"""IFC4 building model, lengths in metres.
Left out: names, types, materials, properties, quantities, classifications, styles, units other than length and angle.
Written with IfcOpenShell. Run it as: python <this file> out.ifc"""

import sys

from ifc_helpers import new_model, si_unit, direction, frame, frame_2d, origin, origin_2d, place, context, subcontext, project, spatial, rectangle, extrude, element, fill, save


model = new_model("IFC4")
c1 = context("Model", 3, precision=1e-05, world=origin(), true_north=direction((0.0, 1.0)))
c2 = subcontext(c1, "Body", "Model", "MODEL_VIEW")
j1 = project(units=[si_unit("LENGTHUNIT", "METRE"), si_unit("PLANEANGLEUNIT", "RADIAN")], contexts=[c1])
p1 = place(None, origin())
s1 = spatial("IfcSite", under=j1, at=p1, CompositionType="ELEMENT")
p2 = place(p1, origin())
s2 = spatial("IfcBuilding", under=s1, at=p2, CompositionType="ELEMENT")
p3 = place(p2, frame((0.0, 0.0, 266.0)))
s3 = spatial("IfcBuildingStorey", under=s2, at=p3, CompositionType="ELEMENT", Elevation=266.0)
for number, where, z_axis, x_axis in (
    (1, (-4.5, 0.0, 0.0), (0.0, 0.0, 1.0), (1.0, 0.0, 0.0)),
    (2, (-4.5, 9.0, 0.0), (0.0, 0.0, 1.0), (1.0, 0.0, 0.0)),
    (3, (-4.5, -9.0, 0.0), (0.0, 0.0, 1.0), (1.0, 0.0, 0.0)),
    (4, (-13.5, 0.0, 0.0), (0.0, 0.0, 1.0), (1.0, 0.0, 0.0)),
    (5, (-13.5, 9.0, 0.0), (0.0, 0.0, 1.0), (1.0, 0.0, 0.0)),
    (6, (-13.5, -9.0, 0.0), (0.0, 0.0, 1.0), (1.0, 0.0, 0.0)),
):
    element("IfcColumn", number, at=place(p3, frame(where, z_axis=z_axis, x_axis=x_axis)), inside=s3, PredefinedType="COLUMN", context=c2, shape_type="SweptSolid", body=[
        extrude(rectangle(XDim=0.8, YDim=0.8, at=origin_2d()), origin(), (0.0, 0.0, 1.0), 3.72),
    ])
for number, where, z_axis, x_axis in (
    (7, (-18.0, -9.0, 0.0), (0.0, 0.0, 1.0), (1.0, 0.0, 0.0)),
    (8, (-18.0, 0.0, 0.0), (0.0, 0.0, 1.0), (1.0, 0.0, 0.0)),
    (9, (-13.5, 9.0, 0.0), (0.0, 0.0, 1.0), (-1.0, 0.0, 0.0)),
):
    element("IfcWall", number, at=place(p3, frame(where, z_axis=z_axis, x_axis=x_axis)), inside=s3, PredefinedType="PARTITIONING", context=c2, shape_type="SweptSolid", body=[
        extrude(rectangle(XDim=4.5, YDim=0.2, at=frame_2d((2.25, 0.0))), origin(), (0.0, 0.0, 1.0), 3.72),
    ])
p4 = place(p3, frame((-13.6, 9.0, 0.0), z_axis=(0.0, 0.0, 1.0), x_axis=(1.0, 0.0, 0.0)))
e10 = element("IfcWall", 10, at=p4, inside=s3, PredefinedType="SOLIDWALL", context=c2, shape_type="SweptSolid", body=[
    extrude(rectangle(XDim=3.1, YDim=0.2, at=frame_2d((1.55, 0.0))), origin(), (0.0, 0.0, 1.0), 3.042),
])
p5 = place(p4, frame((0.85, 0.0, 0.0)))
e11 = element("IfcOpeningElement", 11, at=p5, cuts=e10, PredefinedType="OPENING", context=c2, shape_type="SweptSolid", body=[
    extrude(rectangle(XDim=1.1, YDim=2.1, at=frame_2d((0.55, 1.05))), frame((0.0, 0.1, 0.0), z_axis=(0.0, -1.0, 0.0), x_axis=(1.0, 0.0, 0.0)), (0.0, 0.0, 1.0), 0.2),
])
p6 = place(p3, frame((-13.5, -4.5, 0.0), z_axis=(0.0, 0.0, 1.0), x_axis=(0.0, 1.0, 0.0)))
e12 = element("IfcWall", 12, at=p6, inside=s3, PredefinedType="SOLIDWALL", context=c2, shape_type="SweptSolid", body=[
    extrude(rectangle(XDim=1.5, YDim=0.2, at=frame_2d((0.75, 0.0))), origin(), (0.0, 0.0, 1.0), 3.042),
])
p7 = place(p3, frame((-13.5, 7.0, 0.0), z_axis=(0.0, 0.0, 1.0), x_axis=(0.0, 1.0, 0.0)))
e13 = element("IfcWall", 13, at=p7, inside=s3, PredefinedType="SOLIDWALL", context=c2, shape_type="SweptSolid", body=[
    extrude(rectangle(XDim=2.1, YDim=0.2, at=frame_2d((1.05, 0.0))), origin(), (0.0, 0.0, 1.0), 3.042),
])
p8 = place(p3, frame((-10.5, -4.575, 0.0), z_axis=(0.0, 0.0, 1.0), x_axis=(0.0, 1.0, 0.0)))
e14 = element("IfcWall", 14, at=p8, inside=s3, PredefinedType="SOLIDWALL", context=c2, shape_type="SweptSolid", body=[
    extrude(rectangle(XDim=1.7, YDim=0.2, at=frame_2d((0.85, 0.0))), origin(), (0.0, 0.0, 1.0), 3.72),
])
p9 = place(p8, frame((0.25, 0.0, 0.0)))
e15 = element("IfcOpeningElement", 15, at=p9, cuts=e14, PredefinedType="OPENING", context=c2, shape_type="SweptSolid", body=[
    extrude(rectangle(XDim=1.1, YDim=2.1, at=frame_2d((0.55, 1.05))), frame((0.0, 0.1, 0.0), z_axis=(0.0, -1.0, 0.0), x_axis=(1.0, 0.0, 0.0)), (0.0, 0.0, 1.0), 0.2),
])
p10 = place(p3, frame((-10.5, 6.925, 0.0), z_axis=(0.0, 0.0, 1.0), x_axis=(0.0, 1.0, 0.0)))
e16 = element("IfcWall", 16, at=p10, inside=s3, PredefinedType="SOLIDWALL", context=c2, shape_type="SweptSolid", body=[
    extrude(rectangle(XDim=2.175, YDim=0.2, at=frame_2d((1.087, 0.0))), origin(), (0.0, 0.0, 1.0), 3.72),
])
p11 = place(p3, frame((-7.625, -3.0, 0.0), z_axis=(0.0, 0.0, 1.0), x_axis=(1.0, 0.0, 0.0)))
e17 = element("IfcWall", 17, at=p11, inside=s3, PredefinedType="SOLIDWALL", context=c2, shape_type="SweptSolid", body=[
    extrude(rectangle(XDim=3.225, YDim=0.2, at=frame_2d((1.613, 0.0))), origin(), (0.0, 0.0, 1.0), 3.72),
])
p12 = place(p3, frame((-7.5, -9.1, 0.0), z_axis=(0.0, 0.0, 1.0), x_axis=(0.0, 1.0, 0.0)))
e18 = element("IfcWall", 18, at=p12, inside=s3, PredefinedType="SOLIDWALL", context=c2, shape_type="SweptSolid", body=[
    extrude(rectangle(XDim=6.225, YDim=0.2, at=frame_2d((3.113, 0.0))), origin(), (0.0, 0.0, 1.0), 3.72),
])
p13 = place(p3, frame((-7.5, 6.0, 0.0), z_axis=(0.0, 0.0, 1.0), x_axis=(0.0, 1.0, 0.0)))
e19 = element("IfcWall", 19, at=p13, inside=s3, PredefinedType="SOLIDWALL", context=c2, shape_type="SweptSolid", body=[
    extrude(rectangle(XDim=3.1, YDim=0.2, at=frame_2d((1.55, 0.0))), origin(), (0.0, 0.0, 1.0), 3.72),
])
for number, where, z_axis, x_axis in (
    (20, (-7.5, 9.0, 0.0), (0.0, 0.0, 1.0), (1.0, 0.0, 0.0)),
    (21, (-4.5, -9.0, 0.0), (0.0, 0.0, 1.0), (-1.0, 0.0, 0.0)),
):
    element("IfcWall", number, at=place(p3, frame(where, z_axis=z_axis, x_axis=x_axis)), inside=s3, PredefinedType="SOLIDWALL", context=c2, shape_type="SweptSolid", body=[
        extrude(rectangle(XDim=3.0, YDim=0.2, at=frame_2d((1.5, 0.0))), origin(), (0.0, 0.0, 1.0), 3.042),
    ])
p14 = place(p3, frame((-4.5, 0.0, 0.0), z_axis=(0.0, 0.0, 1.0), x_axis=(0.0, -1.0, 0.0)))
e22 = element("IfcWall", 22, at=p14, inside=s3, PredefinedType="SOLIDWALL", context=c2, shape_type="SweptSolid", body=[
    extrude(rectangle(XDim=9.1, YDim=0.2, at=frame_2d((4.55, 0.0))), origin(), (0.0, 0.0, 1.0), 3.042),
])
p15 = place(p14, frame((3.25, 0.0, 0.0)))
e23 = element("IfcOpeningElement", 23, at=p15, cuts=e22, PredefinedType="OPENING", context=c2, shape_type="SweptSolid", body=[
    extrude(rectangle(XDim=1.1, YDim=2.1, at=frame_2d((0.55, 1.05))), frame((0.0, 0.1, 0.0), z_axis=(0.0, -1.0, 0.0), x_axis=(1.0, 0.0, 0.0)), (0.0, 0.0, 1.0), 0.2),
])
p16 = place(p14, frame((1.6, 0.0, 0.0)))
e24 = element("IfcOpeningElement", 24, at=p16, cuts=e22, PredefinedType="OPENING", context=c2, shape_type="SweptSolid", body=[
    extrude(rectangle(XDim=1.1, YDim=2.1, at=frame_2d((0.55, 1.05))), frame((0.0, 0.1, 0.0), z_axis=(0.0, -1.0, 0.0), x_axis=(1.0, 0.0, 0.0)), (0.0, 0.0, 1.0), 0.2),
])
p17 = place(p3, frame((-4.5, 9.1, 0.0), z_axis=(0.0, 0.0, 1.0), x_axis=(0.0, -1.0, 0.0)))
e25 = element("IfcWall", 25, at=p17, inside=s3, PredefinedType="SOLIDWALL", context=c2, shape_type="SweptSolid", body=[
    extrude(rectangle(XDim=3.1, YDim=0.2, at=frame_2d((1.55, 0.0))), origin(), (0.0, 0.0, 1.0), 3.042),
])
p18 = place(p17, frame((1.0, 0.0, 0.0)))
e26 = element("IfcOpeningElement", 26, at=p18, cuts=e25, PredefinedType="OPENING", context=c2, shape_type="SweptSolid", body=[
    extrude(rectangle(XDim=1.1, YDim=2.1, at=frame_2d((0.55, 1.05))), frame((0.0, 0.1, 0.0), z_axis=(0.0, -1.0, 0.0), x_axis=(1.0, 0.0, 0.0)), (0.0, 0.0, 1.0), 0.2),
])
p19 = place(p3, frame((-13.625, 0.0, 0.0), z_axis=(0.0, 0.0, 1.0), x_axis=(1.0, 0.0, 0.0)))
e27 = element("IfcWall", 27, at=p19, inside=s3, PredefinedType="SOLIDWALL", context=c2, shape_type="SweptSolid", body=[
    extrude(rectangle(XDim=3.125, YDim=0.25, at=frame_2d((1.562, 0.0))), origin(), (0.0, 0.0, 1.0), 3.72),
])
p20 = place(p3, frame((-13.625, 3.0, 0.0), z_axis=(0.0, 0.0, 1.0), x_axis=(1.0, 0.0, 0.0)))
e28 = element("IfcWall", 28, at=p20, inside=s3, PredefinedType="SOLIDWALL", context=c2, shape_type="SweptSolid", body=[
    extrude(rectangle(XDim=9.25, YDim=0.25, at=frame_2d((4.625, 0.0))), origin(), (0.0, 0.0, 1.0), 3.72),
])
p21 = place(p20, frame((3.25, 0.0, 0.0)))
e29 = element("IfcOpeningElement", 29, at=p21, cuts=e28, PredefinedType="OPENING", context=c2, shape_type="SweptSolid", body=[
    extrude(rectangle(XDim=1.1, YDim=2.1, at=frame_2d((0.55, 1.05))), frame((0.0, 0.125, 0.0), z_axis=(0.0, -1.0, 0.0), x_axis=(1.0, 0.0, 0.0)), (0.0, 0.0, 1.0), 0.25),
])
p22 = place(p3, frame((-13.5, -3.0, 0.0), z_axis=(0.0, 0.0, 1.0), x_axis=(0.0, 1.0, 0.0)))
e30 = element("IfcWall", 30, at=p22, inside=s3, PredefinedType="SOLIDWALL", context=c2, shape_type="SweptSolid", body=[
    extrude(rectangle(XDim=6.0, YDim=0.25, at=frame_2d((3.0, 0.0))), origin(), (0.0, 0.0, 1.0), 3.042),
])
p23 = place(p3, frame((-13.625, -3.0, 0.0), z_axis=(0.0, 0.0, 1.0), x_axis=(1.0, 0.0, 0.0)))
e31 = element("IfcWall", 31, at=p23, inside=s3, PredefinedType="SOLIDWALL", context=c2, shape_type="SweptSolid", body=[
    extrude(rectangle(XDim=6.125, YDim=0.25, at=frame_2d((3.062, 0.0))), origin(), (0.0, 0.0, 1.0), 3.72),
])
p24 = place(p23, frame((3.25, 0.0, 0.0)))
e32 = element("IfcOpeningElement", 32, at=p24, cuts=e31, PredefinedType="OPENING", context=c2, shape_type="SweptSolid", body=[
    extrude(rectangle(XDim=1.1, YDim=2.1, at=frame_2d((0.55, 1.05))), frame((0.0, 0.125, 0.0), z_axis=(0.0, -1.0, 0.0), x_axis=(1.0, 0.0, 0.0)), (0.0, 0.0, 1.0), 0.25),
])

━━━━━━

• _PROBLEM STATEMENT_
The stretch of entries above that starts with the line containing "-4.5, 0.0), z_axis=(0.0, 0.0, 1.0), x_axis=(0.0, 1.0, 0.0)))" and goes on through the line containing "p9 = place(p8, frame((0.25, 0.0, 0.0)))" is to be transcribed exactly, and no other line is to be transcribed.

• _COMPLETED TASK_
p6 = place(p3, frame((-13.5, -4.5, 0.0), z_axis=(0.0, 0.0, 1.0), x_axis=(0.0, 1.0, 0.0)))
e12 = element("IfcWall", 12, at=p6, inside=s3, PredefinedType="SOLIDWALL", context=c2, shape_type="SweptSolid", body=[
    extrude(rectangle(XDim=1.5, YDim=0.2, at=frame_2d((0.75, 0.0))), origin(), (0.0, 0.0, 1.0), 3.042),
])
p7 = place(p3, frame((-13.5, 7.0, 0.0), z_axis=(0.0, 0.0, 1.0), x_axis=(0.0, 1.0, 0.0)))
e13 = element("IfcWall", 13, at=p7, inside=s3, PredefinedType="SOLIDWALL", context=c2, shape_type="SweptSolid", body=[
    extrude(rectangle(XDim=2.1, YDim=0.2, at=frame_2d((1.05, 0.0))), origin(), (0.0, 0.0, 1.0), 3.042),
])
p8 = place(p3, frame((-10.5, -4.575, 0.0), z_axis=(0.0, 0.0, 1.0), x_axis=(0.0, 1.0, 0.0)))
e14 = element("IfcWall", 14, at=p8, inside=s3, PredefinedType="SOLIDWALL", context=c2, shape_type="SweptSolid", body=[
    extrude(rectangle(XDim=1.7, YDim=0.2, at=frame_2d((0.85, 0.0))), origin(), (0.0, 0.0, 1.0), 3.72),
])
p9 = place(p8, frame((0.25, 0.0, 0.0)))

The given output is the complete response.